* [REQUIREMENT] Below are lines of data; restate word for word those running from the line containing "blk.add_line(p, q, dxfattribs=at)" to the line containing "for centre, radius, start, end", inclusive, and no others.

########################################

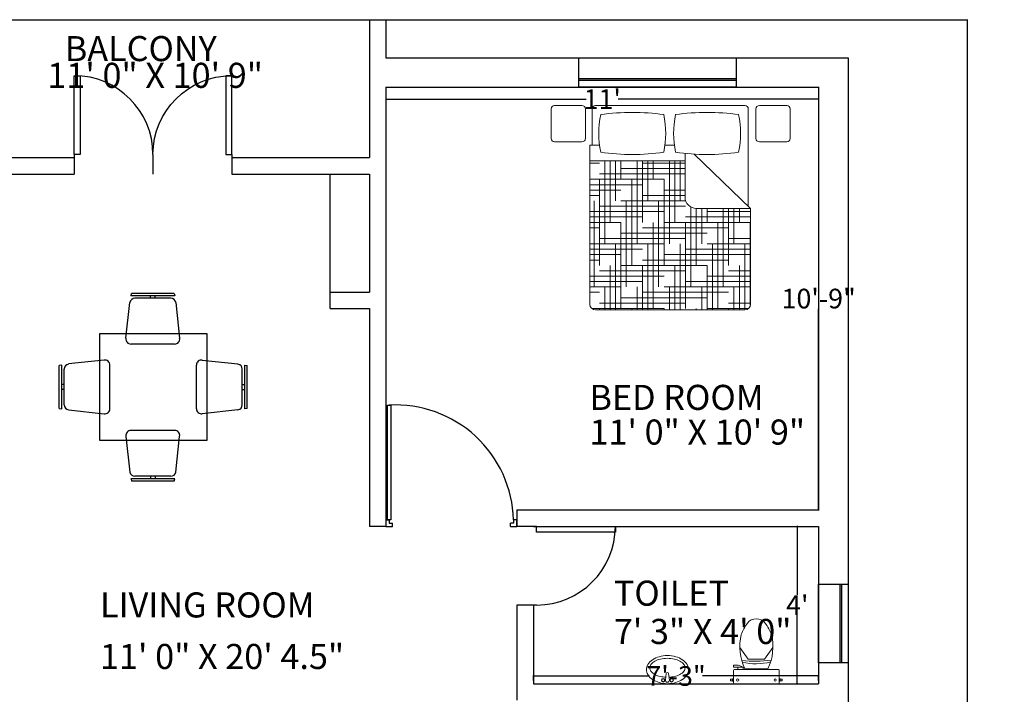
# Model space of a CAD drawing. Units: inches. Extents: x -113 to 5399, y -1393 to 3302.
# Tile 30 of 40: x 3870 to 4170, y 356 to 561. Entities that reach past the tile are written whole.
import ezdxf

# ---------------------------------------------------------------- set-up
doc = ezdxf.new("R2010")
doc.units = ezdxf.units.IN
doc.header["$MEASUREMENT"] = 0
for name, color, linetype, lineweight in [('A-ANNO-DIMS', 254, 'Continuous', 18), ('A-AREA-IDEN', 4, 'Continuous', 18), ('A-FLOR-FIXT', 8, 'Continuous', 18), ('doors', 2, 'Continuous', 25), ('furniture', 131, 'Continuous', 18), ('walls', 1, 'Continuous', 25), ('windows', 3, 'Continuous', 25)]:
    doc.layers.add(name, color=color, linetype=linetype, lineweight=lineweight)
doc.layers.add('B-FURNITURE', color=22, linetype='Continuous')
doc.styles.get("Standard").update_dxf_attribs({"font": 'arial.ttf'})
doc.dimstyles.get("Standard").update_dxf_attribs({"dimtxt": 6, "dimasz": 0.18, "dimexe": 0.18, "dimexo": 0.0625, "dimgap": 0.09, "dimtad": 0, "dimtih": 1, "dimtoh": 1, "dimdec": 1, "dimzin": 0, "dimdsep": 46, "dimlunit": 4, "dimtxsty": 'Standard', "dimblk": 'ARCHTICK', "dimcen": 0.09, "dimadec": 0, "dimazin": 0, "dimtfac": 1, "dimtdec": 1, "dimtofl": 0, "dimtmove": 0, "dimatfit": 3, "dimfxl": 1, "dimtolj": 1, "dimtzin": 0, "dimarcsym": 0})

# ---------------------------------------------------------------- blocks, each defined once
blk = doc.blocks.new('*U2')
for p, q in [((0, 0), (0, -6)), ((24, 0), (24, -6))]:
    blk.add_line(p, q)
blk.add_lwpolyline([(0, 0), (0, 24), (1.75, 24), (1.75, 0)], close=True)
blk.add_arc((0, 0), 24, 0, 90)
blk = doc.blocks.new('*X4')
at = {"color": 0}
for p, q in [((4.3594, 18.5625), (4.3594, 18.6457)), ((4.5, 18), (4.5, 18.6457)), ((4.5469, 18.1875), (4.5469, 18.6457)), ((4.5938, 18.375), (4.5938, 18.6457)), ((4.6406, 18.5625), (4.6406, 18.6457)), ((4.6875, 18.6094), (5.4375, 18.6094)), ((4.7812, 18), (4.7812, 18.6457)), ((4.8281, 18.1875), (4.8281, 18.6457)), ((4.875, 18.375), (4.875, 18.6457)), ((4.9219, 18.5625), (4.9219, 18.6457)), ((5.0625, 18), (5.0625, 18.6457)), ((5.1094, 18.1875), (5.1094, 18.6457)), ((5.1562, 18.375), (5.1562, 18.6457)), ((5.2031, 18.5625), (5.2031, 18.6457)), ((5.3438, 18), (5.3438, 18.6457)), ((5.3906, 18.1875), (5.3906, 18.6457)), ((5.4375, 18.375), (5.4375, 18.6457)), ((5.4844, 18.5625), (5.4844, 18.6457)), ((5.625, 18), (5.625, 18.6287)), ((4.4531, 17.8169), (4.4531, 18.5625)), ((4.5, 18.5625), (5.25, 18.5625)), ((4.7344, 17.8125), (4.7344, 18.5625)), ((5.0156, 17.8125), (5.0156, 18.5625)), ((5.2969, 17.8125), (5.2969, 18.5625)), ((5.5781, 17.8125), (5.5781, 18.5625)), ((5.625, 18.5625), (5.6375, 18.5625)), ((4.3395, 18.5156), (5.0625, 18.5156)), ((4.3395, 18.4688), (4.875, 18.4688)), ((5.25, 18.4688), (5.6375, 18.4688)), ((5.4375, 18.5156), (5.6375, 18.5156)), ((4.3395, 18.4219), (4.6875, 18.4219)), ((4.3395, 18.375), (4.5, 18.375)), ((4.4062, 17.8169), (4.4062, 18.375)), ((4.6875, 17.8114), (4.6875, 18.375)), ((4.875, 18.375), (5.625, 18.375)), ((4.9688, 17.625), (4.9688, 18.375)), ((5.0625, 18.4219), (5.6375, 18.4219)), ((5.25, 17.625), (5.25, 18.375)), ((5.5312, 17.625), (5.5312, 18.375)), ((4.5, 18.2812), (5.25, 18.2812)), ((4.6875, 18.3281), (5.4375, 18.3281)), ((5.625, 18.2812), (5.6375, 18.2812)), ((4.3395, 18.2344), (5.0625, 18.2344)), ((4.3395, 18.1875), (4.875, 18.1875)), ((4.3594, 17.8169), (4.3594, 18.1875)), ((4.6406, 17.8169), (4.6406, 18.1875)), ((4.9219, 17.4375), (4.9219, 18.1875)), ((5.2031, 17.4375), (5.2031, 18.1875)), ((5.25, 18.1875), (5.6375, 18.1875)), ((5.4375, 18.2344), (5.6375, 18.2344)), ((5.4844, 17.4375), (5.4844, 18.1875)), ((4.3395, 18.1406), (4.6875, 18.1406)), ((4.3395, 18.0938), (4.5, 18.0938)), ((4.875, 18.0938), (5.625, 18.0938)), ((5.0625, 18.1406), (5.6375, 18.1406)), ((4.6875, 18.0469), (5.4375, 18.0469)), ((4.3395, 17.9531), (5.0625, 17.9531)), ((4.5, 18), (5.25, 18)), ((4.5938, 17.8169), (4.5938, 18)), ((4.875, 17.25), (4.875, 18)), ((5.1562, 17.25), (5.1562, 18)), ((5.4375, 17.25), (5.4375, 18)), ((5.4375, 17.9531), (5.6375, 17.9531)), ((5.625, 18), (5.6375, 18)), ((4.3395, 17.9062), (4.875, 17.9062)), ((4.3395, 17.8594), (4.6875, 17.8594)), ((5.0625, 17.8594), (5.6375, 17.8594)), ((5.25, 17.9062), (5.6375, 17.9062)), ((4.7421, 17.7656), (5.4375, 17.7656)), ((4.8281, 17.2457), (4.8281, 17.8125)), ((4.875, 17.8125), (5.625, 17.8125)), ((5.1094, 17.2457), (5.1094, 17.8125)), ((5.3906, 17.2457), (5.3906, 17.8125)), ((4.7548, 17.7188), (5.25, 17.7188)), ((4.7548, 17.6719), (5.0625, 17.6719)), ((5.4375, 17.6719), (5.6375, 17.6719)), ((5.625, 17.7188), (5.6375, 17.7188)), ((4.7548, 17.625), (4.875, 17.625)), ((4.7812, 17.2457), (4.7812, 17.625)), ((5.0625, 17.2457), (5.0625, 17.625)), ((5.0625, 17.5781), (5.6375, 17.5781)), ((5.25, 17.625), (5.6375, 17.625)), ((5.3438, 17.2457), (5.3438, 17.625)), ((5.625, 17.2627), (5.625, 17.625)), ((4.875, 17.5312), (5.625, 17.5312)), ((4.7548, 17.4844), (5.4375, 17.4844)), ((4.7548, 17.4375), (5.25, 17.4375)), ((5.0156, 17.2457), (5.0156, 17.4375)), ((5.2969, 17.2457), (5.2969, 17.4375)), ((5.5781, 17.2457), (5.5781, 17.4375)), ((5.625, 17.4375), (5.6375, 17.4375)), ((4.7548, 17.3906), (5.0625, 17.3906)), ((4.7548, 17.3438), (4.875, 17.3438)), ((5.25, 17.3438), (5.6375, 17.3438)), ((5.4375, 17.3906), (5.6375, 17.3906)), ((4.875, 17.25), (5.6077, 17.25)), ((4.9688, 17.2457), (4.9688, 17.25)), ((5.0625, 17.2969), (5.6375, 17.2969)), ((5.25, 17.2457), (5.25, 17.25)), ((5.5312, 17.2457), (5.5312, 17.25))]:
    blk.add_line(p, q, dxfattribs=at)
blk = doc.blocks.new('MAT-P01')
for p, q in [((-0.0213, 0.8164), (-0.0213, 0.5605)), ((0.0087, 0.8464), (0.2471, 0.8464)), ((0.2771, 0.8164), (0.2771, 0.5605)), ((0.3437, 0.8164), (0.3437, -0.0316)), ((0.3737, 0.8464), (1.6737, 0.8464)), ((1.7037, 0.8164), (1.7037, 0.5005)), ((1.7622, 0.8164), (1.7622, 0.5605)), ((1.7922, 0.8464), (2.0306, 0.8464)), ((2.0606, 0.8164), (2.0606, 0.5605)), ((0.0087, 0.5305), (0.2471, 0.5305)), ((1.7922, 0.5305), (2.0306, 0.5305)), ((0.8949, 0.4293), (0.8949, 0.0491)), ((0.9879, 0.5005), (1.0693, 0.5005)), ((1.6393, 0.5005), (1.7237, 0.5005)), ((1.7237, 0.5005), (1.7237, -0.8836)), ((0.8146, 0.423), (0.3237, -0.0509)), ((0.8949, 0.3643), (1.7237, 0.3643)), ((0.8949, 0.3643), (0.8949, 0.0491)), ((0.8949, 0.3643), (1.7237, 0.3643)), ((1.7237, 0.3643), (1.7237, -0.8836)), ((0.3237, -0.0509), (0.7949, -0.0509)), ((0.3237, -0.0509), (0.3237, -0.8836)), ((0.3737, -0.9336), (1.6737, -0.9336))]:
    blk.add_line(p, q)
for centre, radius, start, end in [((0.0087, 0.8164), 0.03, 90, 180), ((0.2471, 0.8164), 0.03, 0, 90), ((0.3737, 0.8164), 0.03, 90, 180), ((0.7029, -1.1436), 1.9306, 81.81622, 98.18378), ((1.3543, -1.1436), 1.9306, 81.81622, 98.18378), ((1.6737, 0.8164), 0.03, 0, 90), ((1.7922, 0.8164), 0.03, 90, 180), ((2.0306, 0.8164), 0.03, 0, 90), ((1.2251, 0.6034), 0.8138, 168.37298, 191.62702), ((0.1806, 0.6034), 0.8138, 348.37298, 11.62702), ((1.8766, 0.6034), 0.8138, 168.37298, 191.62702), ((0.8321, 0.6034), 0.8138, 348.37298, 11.62702), ((0.0087, 0.5605), 0.03, 180, 270), ((0.2471, 0.5605), 0.03, 270, 0), ((1.7922, 0.5605), 0.03, 180, 270), ((2.0306, 0.5605), 0.03, 270, 0), ((0.7029, 2.3504), 1.9306, 261.81622, 278.18378), ((1.3543, 2.3504), 1.9306, 261.81622, 278.18378), ((0.7949, 0.0491), 0.1, 270, 0), ((0.3737, -0.8836), 0.05, 180, 270), ((1.6737, -0.8836), 0.05, 270, 0)]:
    blk.add_arc(centre, radius, start, end)
at = {"rotation": 270}
blk.add_blockref('*X4', (-16.9221, 4.7038), dxfattribs=at)
blk = doc.blocks.new('A$C6ACA79D1')
at = {"layer": 'B-FURNITURE'}
for p, q in [((-0.5034, 0.0535), (-0.8012, -0.2442)), ((-0.4835, 0.0392), (-0.7869, -0.2642)), ((-0.5034, 0.0535), (-0.4835, 0.0392)), ((-0.4291, 0.0003), (-0.1547, -0.2204)), ((0.7869, -0.259), (0.4835, 0.0444)), ((0.4842, 0.0434), (0.5041, 0.0577)), ((0.7427, -0.249), (0.4935, 0.0002)), ((0.8012, -0.239), (0.5034, 0.0587)), ((-0.4935, -0.005), (-0.7427, -0.2542)), ((-0.601, -0.1125), (-0.6181, -0.0954)), ((0.601, -0.1073), (0.6181, -0.0902)), ((-0.6352, -0.1467), (-0.6523, -0.1296)), ((0.6352, -0.1415), (0.6523, -0.1244)), ((-0.7859, -0.2635), (-0.8002, -0.2436)), ((0.8012, -0.239), (0.7869, -0.259)), ((-0.1485, -0.2964), (-0.4513, -0.5992)), ((0.4513, -0.594), (0.1485, -0.2912)), ((0.748, -0.3133), (0.5273, -0.5877)), ((-0.1485, -1.1937), (-0.4513, -0.8909)), ((0.4513, -0.8961), (0.1485, -1.199)), ((0.748, -1.1768), (0.5273, -0.9024)), ((-0.5034, -1.5436), (-0.8012, -1.2459)), ((-0.7859, -1.2266), (-0.8002, -1.2466)), ((-0.4835, -1.5293), (-0.7869, -1.226)), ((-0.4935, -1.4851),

########################################

* [RESULT OF THE EXERCISE]
    blk.add_line(p, q, dxfattribs=at)
blk = doc.blocks.new('MAT-P01')
for p, q in [((-0.0213, 0.8164), (-0.0213, 0.5605)), ((0.0087, 0.8464), (0.2471, 0.8464)), ((0.2771, 0.8164), (0.2771, 0.5605)), ((0.3437, 0.8164), (0.3437, -0.0316)), ((0.3737, 0.8464), (1.6737, 0.8464)), ((1.7037, 0.8164), (1.7037, 0.5005)), ((1.7622, 0.8164), (1.7622, 0.5605)), ((1.7922, 0.8464), (2.0306, 0.8464)), ((2.0606, 0.8164), (2.0606, 0.5605)), ((0.0087, 0.5305), (0.2471, 0.5305)), ((1.7922, 0.5305), (2.0306, 0.5305)), ((0.8949, 0.4293), (0.8949, 0.0491)), ((0.9879, 0.5005), (1.0693, 0.5005)), ((1.6393, 0.5005), (1.7237, 0.5005)), ((1.7237, 0.5005), (1.7237, -0.8836)), ((0.8146, 0.423), (0.3237, -0.0509)), ((0.8949, 0.3643), (1.7237, 0.3643)), ((0.8949, 0.3643), (0.8949, 0.0491)), ((0.8949, 0.3643), (1.7237, 0.3643)), ((1.7237, 0.3643), (1.7237, -0.8836)), ((0.3237, -0.0509), (0.7949, -0.0509)), ((0.3237, -0.0509), (0.3237, -0.8836)), ((0.3737, -0.9336), (1.6737, -0.9336))]:
    blk.add_line(p, q)
for centre, radius, start, end in [((0.0087, 0.8164), 0.03, 90, 180), ((0.2471, 0.8164), 0.03, 0, 90), ((0.3737, 0.8164), 0.03, 90, 180), ((0.7029, -1.1436), 1.9306, 81.81622, 98.18378), ((1.3543, -1.1436), 1.9306, 81.81622, 98.18378), ((1.6737, 0.8164), 0.03, 0, 90), ((1.7922, 0.8164), 0.03, 90, 180), ((2.0306, 0.8164), 0.03, 0, 90), ((1.2251, 0.6034), 0.8138, 168.37298, 191.62702), ((0.1806, 0.6034), 0.8138, 348.37298, 11.62702), ((1.8766, 0.6034), 0.8138, 168.37298, 191.62702), ((0.8321, 0.6034), 0.8138, 348.37298, 11.62702), ((0.0087, 0.5605), 0.03, 180, 270), ((0.2471, 0.5605), 0.03, 270, 0), ((1.7922, 0.5605), 0.03, 180, 270), ((2.0306, 0.5605), 0.03, 270, 0), ((0.7029, 2.3504), 1.9306, 261.81622, 278.18378), ((1.3543, 2.3504), 1.9306, 261.81622, 278.18378), ((0.7949, 0.0491), 0.1, 270, 0), ((0.3737, -0.8836), 0.05, 180, 270), ((1.6737, -0.8836), 0.05, 270, 0)]:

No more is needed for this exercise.